Task statement:
Within the records below, reproduce without change the lines from the line that has "blk = doc.blocks.new('*U2')" through the line that has "blk = doc.blocks.new('Sofa", and only those.

──────────────────────────────

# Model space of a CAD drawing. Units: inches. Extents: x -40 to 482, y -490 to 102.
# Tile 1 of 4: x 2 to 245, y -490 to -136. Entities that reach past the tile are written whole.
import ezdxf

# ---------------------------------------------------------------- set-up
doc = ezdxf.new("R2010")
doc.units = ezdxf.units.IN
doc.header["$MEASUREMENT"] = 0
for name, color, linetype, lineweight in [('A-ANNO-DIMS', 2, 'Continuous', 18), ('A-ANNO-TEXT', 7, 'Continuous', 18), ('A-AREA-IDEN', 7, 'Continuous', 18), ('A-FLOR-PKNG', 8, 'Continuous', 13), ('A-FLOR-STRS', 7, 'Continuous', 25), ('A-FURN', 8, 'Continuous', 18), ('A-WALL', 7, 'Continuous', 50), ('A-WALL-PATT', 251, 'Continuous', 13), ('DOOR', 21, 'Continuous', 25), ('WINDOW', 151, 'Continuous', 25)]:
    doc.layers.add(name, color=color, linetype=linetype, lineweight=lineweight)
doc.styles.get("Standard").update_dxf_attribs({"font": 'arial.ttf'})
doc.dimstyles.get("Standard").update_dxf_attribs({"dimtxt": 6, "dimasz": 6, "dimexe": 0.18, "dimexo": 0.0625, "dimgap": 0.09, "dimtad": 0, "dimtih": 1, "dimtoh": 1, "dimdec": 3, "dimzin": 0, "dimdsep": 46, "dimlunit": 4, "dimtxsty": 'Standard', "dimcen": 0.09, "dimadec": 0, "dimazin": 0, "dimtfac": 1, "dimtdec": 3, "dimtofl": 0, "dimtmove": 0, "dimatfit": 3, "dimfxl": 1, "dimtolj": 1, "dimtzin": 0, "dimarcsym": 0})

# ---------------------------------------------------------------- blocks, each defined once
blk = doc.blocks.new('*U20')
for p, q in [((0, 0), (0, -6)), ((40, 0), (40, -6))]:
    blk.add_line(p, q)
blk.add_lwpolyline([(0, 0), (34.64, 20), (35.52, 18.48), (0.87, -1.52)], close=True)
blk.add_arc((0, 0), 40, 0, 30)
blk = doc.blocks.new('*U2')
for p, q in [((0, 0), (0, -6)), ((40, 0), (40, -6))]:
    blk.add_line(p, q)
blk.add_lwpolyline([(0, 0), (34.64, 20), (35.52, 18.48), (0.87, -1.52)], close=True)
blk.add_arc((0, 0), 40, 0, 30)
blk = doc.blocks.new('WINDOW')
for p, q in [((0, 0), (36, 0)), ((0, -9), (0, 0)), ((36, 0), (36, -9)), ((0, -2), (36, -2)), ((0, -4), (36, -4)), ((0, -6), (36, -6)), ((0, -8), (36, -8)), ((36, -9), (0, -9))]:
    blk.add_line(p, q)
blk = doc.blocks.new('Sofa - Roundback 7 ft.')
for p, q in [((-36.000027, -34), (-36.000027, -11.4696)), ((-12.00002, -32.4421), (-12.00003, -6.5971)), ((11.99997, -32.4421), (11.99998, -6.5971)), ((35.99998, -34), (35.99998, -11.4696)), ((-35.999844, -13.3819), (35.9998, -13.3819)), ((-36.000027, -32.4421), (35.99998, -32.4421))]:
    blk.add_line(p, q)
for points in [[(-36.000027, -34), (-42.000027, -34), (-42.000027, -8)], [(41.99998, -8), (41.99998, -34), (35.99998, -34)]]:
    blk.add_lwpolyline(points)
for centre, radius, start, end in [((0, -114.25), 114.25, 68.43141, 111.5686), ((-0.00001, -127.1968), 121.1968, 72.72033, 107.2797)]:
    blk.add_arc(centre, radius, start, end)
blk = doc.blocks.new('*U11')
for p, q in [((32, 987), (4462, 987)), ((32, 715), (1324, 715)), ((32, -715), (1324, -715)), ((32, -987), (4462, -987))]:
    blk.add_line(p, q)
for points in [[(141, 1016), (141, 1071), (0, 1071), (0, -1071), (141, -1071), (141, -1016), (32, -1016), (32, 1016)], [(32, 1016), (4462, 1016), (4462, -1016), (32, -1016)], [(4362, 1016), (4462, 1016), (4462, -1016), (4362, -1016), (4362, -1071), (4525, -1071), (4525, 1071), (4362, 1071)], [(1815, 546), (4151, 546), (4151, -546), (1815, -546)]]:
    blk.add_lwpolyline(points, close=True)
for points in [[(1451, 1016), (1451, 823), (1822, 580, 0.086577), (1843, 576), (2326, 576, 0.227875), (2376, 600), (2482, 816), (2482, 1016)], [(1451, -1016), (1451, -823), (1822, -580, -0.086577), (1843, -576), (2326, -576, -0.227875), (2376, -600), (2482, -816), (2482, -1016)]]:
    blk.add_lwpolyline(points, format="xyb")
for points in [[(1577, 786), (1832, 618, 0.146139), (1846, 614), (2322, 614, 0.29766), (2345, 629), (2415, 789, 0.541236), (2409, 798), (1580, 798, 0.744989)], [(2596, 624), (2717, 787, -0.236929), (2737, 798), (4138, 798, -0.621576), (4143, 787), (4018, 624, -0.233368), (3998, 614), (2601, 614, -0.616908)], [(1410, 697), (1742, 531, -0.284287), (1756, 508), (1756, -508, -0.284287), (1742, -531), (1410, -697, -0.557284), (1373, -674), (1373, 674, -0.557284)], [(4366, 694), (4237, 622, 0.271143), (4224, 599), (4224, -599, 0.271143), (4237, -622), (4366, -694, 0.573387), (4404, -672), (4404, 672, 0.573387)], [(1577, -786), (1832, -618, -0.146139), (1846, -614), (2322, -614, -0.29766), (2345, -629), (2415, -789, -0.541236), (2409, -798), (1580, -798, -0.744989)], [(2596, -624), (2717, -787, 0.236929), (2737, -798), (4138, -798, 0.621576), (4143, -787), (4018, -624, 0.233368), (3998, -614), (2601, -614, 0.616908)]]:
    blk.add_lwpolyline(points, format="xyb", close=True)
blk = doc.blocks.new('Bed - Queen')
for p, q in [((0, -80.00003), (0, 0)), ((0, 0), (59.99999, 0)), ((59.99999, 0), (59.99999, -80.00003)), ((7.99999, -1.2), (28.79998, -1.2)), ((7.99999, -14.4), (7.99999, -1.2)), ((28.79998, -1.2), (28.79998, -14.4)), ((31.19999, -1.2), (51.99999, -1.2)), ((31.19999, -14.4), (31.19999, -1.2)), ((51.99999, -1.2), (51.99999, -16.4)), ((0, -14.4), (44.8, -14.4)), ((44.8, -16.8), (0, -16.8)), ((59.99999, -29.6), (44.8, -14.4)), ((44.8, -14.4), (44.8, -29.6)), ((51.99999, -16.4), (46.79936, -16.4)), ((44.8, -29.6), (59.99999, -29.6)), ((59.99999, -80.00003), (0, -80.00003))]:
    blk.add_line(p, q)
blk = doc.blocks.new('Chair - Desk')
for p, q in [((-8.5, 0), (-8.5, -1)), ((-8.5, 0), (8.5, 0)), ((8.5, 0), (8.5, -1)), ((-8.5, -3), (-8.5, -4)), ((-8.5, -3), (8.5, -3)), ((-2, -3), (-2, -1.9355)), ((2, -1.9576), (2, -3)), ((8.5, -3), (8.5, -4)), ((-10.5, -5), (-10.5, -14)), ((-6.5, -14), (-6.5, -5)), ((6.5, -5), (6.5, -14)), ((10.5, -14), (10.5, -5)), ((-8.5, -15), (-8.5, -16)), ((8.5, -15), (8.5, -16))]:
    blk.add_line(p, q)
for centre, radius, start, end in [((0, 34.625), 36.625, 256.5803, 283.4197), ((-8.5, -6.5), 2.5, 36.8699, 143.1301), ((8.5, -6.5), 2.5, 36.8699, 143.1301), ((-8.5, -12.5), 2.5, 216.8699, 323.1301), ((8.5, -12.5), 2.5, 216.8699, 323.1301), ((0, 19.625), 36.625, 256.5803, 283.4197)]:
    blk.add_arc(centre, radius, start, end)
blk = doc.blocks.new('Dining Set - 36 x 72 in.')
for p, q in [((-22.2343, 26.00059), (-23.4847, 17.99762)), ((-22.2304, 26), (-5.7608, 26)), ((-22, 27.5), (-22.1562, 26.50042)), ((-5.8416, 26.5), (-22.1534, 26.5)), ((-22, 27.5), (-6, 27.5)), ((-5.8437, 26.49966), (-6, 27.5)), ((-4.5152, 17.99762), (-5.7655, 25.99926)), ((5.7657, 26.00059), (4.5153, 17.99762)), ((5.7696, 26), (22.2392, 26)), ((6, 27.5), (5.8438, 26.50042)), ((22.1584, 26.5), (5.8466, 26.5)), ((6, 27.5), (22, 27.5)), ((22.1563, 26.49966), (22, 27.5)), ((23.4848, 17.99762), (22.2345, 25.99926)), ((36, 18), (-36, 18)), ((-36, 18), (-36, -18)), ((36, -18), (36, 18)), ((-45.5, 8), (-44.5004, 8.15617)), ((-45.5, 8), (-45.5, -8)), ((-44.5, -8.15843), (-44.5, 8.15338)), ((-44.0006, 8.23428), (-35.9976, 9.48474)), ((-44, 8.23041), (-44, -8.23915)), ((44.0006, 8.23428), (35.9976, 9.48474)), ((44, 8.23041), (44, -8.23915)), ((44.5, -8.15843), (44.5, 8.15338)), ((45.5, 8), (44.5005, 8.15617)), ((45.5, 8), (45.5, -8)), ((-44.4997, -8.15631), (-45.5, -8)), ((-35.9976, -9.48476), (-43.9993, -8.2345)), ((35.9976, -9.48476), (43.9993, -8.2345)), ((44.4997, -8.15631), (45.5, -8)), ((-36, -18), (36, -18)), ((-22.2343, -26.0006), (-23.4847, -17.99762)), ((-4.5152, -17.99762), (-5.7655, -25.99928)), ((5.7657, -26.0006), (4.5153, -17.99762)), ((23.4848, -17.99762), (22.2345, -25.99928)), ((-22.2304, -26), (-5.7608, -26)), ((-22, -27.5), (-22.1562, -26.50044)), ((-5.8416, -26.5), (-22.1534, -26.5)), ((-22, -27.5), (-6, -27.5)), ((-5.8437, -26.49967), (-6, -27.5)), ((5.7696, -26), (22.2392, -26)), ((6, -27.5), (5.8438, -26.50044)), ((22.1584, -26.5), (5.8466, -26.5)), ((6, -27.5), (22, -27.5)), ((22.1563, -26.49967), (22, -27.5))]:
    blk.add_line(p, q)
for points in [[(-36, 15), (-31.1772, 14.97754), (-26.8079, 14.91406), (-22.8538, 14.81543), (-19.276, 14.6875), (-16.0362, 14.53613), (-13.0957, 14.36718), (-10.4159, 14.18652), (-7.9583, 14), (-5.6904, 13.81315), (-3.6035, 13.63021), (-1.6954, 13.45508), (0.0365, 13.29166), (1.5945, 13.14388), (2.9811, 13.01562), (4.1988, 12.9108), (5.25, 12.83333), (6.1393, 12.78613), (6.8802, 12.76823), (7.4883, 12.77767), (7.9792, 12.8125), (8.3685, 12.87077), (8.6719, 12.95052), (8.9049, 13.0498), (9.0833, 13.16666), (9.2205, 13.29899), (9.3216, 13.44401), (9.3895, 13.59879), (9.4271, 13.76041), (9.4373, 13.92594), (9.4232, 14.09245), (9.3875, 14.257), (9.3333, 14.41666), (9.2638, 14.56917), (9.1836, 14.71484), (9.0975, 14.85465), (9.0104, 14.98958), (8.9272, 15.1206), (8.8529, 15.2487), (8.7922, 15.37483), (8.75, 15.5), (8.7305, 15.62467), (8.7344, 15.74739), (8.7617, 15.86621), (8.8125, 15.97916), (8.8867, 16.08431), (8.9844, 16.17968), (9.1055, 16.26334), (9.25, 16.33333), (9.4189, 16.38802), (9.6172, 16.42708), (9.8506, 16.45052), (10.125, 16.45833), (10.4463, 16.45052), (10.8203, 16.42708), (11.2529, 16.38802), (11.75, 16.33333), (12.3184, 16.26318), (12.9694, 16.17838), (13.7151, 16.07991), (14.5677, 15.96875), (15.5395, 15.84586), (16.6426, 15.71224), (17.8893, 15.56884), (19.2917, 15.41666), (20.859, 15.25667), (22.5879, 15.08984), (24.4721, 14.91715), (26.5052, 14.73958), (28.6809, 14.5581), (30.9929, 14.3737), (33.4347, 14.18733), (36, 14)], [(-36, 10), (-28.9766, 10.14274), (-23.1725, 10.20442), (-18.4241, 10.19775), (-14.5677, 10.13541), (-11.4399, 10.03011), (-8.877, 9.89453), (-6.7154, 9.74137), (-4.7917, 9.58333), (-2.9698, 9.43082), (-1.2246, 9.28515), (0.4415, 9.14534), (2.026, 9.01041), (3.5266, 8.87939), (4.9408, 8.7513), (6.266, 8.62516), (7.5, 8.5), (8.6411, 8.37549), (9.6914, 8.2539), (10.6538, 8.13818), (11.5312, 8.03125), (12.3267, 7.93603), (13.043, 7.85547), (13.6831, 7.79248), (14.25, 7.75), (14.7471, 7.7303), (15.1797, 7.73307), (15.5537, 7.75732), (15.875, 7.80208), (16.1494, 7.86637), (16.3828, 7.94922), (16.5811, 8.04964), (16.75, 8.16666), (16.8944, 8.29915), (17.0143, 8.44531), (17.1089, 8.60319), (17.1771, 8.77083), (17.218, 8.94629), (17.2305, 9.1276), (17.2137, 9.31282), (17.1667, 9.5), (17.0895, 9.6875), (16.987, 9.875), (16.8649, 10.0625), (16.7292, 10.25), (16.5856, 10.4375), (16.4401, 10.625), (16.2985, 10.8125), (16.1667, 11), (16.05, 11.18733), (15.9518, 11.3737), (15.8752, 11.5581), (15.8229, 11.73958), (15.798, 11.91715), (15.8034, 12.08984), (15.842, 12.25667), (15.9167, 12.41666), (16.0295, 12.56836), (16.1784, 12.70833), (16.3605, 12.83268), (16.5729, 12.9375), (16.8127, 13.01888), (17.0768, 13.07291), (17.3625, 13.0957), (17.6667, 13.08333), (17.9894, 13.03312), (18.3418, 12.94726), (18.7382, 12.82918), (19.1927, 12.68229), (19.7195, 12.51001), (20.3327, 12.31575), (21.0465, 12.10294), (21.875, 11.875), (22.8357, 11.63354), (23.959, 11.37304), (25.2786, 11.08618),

──────────────────────────────

Task output:
blk = doc.blocks.new('*U2')
for p, q in [((0, 0), (0, -6)), ((40, 0), (40, -6))]:
    blk.add_line(p, q)
blk.add_lwpolyline([(0, 0), (34.64, 20), (35.52, 18.48), (0.87, -1.52)], close=True)
blk.add_arc((0, 0), 40, 0, 30)
blk = doc.blocks.new('WINDOW')
for p, q in [((0, 0), (36, 0)), ((0, -9), (0, 0)), ((36, 0), (36, -9)), ((0, -2), (36, -2)), ((0, -4), (36, -4)), ((0, -6), (36, -6)), ((0, -8), (36, -8)), ((36, -9), (0, -9))]:
    blk.add_line(p, q)
blk = doc.blocks.new('Sofa - Roundback 7 ft.')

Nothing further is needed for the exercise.